- **Work to complete**:
In the records below, some lines hold the word "inside". Copy each of those lines.

==== Raw data

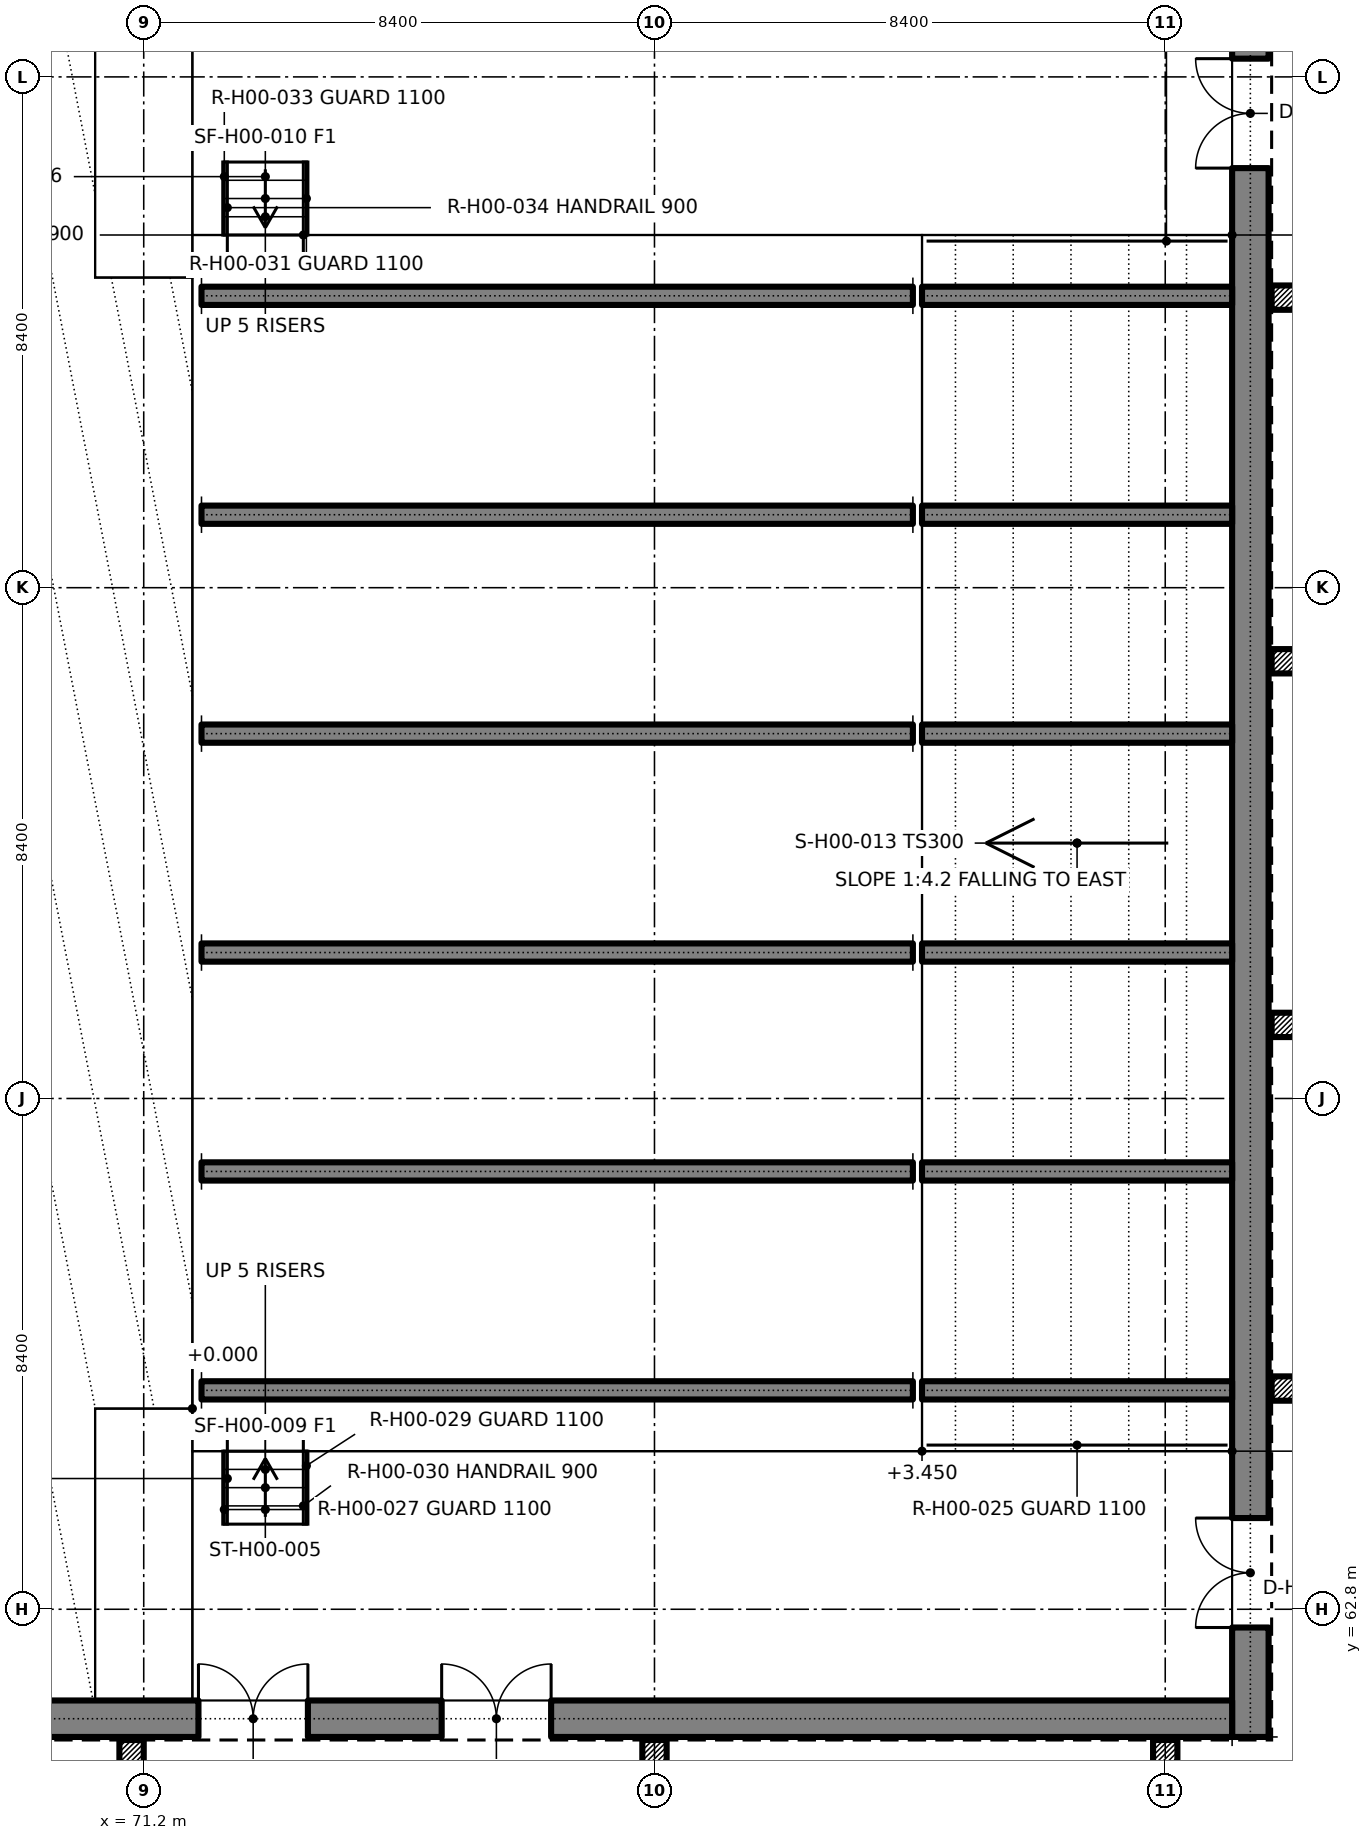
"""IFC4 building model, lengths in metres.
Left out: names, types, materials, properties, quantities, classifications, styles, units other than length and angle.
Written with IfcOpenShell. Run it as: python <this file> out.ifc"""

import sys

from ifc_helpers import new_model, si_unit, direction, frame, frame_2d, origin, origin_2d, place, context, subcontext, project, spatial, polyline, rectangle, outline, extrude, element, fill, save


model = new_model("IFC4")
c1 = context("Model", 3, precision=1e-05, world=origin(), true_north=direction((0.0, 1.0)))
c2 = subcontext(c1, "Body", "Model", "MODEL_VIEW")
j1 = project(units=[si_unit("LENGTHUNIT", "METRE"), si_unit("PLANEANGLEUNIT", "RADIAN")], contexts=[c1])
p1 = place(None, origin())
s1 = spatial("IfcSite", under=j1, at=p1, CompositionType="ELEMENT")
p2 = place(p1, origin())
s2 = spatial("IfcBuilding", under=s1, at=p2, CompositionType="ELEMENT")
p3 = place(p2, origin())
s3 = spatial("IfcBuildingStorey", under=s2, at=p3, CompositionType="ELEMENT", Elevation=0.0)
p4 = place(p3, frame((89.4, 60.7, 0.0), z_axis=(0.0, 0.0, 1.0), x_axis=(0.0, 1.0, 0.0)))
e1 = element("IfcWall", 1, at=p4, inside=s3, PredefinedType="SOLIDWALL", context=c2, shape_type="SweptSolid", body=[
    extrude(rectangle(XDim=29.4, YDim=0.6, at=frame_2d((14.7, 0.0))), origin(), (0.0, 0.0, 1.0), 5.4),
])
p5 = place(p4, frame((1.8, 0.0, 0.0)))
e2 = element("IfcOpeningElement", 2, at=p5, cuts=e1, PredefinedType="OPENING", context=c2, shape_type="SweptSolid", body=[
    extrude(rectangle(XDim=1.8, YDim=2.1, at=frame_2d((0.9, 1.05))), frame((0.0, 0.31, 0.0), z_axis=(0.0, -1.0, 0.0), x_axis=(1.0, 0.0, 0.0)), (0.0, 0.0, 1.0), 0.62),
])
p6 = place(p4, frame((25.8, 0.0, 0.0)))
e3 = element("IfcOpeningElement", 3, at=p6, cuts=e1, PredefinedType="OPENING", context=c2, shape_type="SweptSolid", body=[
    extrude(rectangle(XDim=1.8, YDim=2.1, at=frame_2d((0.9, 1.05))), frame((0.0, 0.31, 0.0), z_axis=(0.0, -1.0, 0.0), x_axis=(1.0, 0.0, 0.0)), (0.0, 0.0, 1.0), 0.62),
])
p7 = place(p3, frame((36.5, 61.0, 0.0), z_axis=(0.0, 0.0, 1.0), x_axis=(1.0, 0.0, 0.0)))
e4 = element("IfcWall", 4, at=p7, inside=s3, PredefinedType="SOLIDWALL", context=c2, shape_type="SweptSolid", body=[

========

- **Task output**:
e1 = element("IfcWall", 1, at=p4, inside=s3, PredefinedType="SOLIDWALL", context=c2, shape_type="SweptSolid", body=[
e4 = element("IfcWall", 4, at=p7, inside=s3, PredefinedType="SOLIDWALL", context=c2, shape_type="SweptSolid", body=[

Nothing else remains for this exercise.